Segment Start: Record extracts

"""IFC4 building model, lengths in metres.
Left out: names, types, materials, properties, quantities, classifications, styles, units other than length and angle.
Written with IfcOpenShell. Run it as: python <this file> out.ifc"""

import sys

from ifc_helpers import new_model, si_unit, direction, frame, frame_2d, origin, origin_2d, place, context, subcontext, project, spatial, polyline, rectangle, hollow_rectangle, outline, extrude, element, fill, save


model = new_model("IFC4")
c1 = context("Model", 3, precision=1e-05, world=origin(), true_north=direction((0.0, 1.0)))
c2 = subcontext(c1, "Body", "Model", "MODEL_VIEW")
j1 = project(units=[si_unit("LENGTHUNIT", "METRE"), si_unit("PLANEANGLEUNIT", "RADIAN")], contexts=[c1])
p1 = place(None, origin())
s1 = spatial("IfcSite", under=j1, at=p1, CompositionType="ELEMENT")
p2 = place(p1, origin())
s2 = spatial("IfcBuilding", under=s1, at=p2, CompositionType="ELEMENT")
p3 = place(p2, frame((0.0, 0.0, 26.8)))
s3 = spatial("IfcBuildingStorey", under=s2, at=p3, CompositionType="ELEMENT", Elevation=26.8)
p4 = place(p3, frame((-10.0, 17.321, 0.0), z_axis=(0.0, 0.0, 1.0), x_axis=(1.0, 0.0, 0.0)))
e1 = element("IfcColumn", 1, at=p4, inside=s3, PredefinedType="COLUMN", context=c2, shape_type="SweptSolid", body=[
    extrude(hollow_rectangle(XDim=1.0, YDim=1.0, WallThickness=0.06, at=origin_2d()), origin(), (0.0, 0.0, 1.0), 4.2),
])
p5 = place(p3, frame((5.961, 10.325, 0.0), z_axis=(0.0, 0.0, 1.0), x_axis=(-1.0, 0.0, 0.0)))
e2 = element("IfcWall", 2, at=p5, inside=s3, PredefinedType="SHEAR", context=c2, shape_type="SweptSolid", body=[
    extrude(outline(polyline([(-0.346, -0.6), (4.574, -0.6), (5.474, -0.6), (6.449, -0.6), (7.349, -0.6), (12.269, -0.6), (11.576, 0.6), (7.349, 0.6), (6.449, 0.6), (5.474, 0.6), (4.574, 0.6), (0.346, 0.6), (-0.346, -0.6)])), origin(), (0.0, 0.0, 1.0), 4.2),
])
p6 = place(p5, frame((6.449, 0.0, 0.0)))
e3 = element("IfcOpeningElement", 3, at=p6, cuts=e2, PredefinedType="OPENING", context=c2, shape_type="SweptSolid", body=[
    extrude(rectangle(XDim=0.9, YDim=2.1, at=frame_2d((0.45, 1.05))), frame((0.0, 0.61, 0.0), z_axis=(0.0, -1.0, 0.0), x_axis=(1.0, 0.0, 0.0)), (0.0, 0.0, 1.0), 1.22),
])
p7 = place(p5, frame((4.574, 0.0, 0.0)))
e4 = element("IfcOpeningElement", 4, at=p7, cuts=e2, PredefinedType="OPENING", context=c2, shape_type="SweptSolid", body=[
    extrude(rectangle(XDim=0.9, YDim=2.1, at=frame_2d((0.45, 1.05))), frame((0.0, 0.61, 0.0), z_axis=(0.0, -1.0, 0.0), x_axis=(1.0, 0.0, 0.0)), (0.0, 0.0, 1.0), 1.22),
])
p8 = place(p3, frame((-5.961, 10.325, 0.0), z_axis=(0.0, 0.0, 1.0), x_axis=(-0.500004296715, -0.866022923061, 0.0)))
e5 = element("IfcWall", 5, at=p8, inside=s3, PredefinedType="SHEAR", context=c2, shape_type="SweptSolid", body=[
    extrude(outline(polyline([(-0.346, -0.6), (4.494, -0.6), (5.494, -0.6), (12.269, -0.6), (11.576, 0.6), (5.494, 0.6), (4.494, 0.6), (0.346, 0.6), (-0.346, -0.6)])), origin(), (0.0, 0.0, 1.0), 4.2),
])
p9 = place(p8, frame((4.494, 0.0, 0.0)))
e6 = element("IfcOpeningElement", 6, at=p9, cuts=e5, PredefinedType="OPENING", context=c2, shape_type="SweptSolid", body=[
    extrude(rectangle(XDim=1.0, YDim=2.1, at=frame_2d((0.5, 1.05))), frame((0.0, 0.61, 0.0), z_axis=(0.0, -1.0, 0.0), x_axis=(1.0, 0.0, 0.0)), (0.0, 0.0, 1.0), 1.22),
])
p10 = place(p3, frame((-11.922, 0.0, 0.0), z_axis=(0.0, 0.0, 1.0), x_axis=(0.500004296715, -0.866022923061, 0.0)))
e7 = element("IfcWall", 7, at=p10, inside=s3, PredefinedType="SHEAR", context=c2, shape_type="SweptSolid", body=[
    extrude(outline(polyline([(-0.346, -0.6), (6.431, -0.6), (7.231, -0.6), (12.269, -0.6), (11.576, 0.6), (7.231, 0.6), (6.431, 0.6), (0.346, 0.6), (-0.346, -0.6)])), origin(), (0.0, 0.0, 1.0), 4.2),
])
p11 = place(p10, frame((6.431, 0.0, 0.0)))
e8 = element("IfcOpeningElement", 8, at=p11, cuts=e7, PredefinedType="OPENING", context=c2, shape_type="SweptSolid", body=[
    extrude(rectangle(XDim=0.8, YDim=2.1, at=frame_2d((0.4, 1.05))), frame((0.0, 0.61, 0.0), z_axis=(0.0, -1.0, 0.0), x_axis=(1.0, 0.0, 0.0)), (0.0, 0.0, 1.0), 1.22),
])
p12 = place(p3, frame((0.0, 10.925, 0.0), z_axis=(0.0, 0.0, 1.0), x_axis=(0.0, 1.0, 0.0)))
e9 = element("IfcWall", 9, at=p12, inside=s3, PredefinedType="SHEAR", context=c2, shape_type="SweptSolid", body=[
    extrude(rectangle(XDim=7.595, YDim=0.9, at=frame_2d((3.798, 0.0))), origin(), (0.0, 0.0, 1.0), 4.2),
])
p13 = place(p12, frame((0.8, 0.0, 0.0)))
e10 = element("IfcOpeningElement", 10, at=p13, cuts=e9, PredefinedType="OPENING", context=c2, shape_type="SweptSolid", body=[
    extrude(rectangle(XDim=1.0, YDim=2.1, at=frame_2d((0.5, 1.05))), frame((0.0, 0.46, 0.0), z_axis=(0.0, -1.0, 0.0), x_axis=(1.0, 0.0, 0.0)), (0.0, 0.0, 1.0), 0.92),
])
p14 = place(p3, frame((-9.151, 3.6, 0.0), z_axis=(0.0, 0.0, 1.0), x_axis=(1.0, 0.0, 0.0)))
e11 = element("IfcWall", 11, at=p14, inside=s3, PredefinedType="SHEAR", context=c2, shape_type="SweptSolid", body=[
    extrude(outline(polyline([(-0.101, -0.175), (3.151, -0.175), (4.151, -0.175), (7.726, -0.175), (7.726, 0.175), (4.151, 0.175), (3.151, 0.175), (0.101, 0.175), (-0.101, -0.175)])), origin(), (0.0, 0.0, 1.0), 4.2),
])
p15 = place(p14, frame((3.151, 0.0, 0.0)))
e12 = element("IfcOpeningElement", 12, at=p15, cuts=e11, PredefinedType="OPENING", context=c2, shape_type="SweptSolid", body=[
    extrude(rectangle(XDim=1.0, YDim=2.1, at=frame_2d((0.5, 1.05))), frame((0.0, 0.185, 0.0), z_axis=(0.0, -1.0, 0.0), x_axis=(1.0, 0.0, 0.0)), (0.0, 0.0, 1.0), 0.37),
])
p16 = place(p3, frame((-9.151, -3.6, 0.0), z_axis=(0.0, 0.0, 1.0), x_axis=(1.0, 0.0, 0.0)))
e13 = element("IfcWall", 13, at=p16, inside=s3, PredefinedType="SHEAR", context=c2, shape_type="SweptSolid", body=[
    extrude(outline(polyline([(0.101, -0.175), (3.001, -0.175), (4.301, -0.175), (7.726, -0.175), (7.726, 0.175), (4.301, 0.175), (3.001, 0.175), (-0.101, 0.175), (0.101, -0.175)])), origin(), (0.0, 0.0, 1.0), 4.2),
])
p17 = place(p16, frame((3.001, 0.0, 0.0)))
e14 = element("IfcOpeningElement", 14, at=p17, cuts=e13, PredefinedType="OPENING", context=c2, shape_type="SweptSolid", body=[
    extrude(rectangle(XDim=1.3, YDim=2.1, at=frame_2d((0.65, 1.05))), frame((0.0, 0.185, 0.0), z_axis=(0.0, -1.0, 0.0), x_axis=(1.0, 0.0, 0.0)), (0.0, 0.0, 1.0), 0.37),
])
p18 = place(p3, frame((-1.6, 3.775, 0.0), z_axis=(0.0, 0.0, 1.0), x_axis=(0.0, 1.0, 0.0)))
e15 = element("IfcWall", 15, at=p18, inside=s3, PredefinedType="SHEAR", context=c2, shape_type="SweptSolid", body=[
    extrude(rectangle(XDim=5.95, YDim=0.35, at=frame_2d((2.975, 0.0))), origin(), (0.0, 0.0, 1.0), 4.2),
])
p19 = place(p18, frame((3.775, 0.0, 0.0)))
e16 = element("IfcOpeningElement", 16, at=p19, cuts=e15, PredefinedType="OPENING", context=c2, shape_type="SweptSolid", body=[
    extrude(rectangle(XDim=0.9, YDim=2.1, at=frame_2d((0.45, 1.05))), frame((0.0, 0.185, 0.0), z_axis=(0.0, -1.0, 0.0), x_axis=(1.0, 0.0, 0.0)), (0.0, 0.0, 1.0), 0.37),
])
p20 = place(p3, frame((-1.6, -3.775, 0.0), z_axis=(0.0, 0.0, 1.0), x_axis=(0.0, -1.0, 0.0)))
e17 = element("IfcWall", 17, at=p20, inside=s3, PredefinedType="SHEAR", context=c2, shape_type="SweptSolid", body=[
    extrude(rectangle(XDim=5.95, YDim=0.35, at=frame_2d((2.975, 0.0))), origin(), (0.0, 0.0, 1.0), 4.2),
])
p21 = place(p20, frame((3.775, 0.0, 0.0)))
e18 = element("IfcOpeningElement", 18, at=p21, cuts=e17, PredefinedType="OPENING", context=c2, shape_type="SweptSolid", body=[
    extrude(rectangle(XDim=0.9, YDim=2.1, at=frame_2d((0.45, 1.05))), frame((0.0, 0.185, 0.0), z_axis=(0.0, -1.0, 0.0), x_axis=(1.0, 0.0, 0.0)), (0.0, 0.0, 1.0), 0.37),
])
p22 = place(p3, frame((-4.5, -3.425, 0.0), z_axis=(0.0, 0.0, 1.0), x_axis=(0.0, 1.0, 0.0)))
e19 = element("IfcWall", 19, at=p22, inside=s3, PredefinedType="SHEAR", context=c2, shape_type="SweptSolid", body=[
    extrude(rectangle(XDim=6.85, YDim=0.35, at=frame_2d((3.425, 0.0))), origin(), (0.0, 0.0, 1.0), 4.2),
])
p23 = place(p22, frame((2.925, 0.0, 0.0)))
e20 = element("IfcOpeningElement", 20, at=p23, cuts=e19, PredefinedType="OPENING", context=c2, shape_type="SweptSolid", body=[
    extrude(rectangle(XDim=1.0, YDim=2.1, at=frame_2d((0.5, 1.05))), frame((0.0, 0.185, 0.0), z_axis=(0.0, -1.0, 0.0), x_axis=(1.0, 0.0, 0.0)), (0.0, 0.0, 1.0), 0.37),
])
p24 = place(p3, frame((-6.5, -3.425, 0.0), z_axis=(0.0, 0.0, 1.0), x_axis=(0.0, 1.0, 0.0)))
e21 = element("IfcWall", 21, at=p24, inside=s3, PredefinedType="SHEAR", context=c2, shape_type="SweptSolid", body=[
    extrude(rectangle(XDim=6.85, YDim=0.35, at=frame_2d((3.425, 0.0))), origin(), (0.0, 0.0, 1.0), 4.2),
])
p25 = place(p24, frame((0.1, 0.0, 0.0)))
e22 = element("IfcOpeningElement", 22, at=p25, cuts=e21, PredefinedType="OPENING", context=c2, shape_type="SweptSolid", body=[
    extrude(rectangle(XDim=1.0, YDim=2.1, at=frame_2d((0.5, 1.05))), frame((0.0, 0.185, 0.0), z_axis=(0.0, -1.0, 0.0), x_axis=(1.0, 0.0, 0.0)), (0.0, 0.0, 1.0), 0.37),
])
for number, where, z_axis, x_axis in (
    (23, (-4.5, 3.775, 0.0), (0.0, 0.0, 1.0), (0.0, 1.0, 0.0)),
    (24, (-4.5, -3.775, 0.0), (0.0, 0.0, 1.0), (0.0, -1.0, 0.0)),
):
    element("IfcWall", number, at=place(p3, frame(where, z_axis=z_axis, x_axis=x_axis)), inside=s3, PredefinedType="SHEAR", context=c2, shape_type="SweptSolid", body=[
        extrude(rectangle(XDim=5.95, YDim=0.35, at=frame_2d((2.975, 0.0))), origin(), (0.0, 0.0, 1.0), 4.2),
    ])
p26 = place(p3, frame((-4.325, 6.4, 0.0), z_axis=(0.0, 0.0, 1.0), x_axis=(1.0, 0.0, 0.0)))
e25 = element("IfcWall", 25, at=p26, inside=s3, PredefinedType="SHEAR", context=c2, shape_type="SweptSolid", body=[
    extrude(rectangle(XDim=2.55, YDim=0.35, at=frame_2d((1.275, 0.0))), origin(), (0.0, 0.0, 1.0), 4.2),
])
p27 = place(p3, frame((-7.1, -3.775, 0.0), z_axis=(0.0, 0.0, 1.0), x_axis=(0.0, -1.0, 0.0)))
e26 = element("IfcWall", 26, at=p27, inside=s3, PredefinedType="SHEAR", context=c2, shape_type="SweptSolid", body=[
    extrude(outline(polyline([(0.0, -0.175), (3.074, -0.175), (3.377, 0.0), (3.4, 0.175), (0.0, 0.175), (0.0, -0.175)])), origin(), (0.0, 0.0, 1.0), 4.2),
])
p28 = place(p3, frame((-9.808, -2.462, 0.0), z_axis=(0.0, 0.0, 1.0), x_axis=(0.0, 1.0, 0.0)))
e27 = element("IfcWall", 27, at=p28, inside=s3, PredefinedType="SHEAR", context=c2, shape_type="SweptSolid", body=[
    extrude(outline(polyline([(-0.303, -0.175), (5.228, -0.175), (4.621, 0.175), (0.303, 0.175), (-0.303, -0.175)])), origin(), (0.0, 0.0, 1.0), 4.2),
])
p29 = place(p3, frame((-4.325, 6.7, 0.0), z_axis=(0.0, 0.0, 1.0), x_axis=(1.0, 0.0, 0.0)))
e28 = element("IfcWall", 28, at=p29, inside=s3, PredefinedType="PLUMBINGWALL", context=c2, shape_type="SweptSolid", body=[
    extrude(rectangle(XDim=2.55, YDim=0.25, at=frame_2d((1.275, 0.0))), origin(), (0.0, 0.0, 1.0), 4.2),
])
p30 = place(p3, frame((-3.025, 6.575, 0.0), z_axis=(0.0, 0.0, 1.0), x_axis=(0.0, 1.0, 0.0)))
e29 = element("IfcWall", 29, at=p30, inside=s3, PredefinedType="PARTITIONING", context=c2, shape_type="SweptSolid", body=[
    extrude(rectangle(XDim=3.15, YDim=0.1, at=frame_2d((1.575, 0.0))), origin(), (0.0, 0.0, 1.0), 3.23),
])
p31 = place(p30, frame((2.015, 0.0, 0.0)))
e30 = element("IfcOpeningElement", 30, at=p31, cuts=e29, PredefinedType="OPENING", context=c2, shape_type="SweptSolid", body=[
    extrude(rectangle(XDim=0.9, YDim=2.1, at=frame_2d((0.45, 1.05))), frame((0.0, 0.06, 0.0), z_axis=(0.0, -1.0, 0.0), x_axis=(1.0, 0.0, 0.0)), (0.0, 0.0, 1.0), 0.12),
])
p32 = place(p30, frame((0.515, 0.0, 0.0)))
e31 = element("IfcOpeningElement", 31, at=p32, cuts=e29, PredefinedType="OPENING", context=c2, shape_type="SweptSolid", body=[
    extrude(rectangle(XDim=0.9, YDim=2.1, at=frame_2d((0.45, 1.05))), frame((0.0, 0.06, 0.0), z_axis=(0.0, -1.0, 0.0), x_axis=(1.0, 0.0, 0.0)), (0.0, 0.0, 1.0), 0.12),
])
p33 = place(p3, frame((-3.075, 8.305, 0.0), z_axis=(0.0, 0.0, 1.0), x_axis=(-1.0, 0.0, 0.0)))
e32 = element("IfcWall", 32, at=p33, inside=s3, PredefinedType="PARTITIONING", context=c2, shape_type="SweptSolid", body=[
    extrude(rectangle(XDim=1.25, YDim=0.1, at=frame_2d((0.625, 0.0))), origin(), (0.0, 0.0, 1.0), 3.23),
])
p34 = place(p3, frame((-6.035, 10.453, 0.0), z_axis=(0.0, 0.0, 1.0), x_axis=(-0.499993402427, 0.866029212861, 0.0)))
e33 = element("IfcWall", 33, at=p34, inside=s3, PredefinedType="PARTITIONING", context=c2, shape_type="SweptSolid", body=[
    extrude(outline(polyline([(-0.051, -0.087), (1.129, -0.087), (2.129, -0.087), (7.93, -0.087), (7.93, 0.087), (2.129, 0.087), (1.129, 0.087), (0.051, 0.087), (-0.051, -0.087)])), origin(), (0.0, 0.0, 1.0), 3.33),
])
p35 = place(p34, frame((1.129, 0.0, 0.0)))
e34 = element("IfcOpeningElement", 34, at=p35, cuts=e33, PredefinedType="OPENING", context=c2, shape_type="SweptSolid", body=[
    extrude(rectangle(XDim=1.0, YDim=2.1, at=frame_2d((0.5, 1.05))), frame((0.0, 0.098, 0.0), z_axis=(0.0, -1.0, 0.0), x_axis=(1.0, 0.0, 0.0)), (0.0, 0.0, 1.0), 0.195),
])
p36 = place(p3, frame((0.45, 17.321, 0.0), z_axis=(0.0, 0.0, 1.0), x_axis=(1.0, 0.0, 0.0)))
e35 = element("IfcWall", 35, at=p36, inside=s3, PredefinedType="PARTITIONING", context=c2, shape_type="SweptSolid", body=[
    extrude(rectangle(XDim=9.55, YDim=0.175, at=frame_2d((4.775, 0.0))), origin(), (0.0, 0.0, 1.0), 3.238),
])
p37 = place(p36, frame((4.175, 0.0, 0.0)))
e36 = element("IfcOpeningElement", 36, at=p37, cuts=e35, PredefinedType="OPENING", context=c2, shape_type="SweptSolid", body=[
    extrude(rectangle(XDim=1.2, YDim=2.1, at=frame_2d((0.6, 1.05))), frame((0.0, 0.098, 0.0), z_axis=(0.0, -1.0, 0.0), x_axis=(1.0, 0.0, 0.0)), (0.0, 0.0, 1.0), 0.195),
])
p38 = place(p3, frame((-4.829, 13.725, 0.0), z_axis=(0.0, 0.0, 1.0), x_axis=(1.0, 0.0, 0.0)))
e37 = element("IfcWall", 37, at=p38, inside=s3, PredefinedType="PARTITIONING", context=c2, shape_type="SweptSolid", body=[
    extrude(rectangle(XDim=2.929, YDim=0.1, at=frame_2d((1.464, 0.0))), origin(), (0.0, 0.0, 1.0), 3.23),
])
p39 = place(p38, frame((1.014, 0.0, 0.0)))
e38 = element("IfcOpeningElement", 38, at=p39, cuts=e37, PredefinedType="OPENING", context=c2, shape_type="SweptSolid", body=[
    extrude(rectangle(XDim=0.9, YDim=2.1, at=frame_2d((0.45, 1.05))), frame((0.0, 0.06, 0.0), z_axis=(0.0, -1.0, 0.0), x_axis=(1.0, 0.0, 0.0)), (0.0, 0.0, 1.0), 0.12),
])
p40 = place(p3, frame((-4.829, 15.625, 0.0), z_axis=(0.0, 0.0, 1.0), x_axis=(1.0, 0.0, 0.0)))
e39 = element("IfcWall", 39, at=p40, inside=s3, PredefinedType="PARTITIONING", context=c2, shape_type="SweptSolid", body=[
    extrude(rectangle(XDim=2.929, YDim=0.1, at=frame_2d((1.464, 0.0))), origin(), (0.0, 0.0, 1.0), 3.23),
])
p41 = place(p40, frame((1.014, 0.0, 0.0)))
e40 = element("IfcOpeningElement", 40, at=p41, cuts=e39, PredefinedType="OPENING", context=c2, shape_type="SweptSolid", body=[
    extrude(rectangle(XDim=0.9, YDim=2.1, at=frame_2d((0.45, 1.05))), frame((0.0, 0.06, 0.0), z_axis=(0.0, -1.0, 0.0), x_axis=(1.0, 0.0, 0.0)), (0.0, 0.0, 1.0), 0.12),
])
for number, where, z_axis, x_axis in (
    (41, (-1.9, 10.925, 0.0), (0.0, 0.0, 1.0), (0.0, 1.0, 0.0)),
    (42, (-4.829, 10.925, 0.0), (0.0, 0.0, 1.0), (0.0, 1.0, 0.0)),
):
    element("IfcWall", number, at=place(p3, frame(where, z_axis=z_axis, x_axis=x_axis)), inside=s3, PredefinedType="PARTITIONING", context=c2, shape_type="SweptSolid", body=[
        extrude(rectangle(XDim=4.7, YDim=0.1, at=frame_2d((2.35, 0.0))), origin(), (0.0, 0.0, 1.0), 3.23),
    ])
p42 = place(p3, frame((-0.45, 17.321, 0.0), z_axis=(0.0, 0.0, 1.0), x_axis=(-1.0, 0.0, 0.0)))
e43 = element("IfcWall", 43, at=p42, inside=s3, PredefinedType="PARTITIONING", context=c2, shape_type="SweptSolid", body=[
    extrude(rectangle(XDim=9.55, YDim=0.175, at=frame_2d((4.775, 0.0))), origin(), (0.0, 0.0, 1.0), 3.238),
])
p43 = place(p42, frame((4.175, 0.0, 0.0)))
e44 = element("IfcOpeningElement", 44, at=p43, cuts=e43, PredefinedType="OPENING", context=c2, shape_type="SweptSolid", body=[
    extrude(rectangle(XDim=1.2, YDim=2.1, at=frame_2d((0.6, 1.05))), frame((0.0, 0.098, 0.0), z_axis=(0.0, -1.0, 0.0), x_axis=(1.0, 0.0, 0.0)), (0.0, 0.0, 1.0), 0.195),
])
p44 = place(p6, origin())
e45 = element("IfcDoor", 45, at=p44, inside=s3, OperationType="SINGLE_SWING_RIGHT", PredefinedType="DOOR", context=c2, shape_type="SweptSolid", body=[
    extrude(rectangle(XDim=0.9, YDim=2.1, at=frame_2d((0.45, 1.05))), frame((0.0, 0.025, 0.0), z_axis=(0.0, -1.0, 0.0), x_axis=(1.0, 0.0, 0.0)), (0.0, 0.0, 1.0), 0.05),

Segment End: Record extracts

Exercise requirements: Find the string "number" in the listing and return every line that holds it.

Reply to the exercise:
for number, where, z_axis, x_axis in (
    element("IfcWall", number, at=place(p3, frame(where, z_axis=z_axis, x_axis=x_axis)), inside=s3, PredefinedType="SHEAR", context=c2, shape_type="SweptSolid", body=[
for number, where, z_axis, x_axis in (
    element("IfcWall", number, at=place(p3, frame(where, z_axis=z_axis, x_axis=x_axis)), inside=s3, PredefinedType="PARTITIONING", context=c2, shape_type="SweptSolid", body=[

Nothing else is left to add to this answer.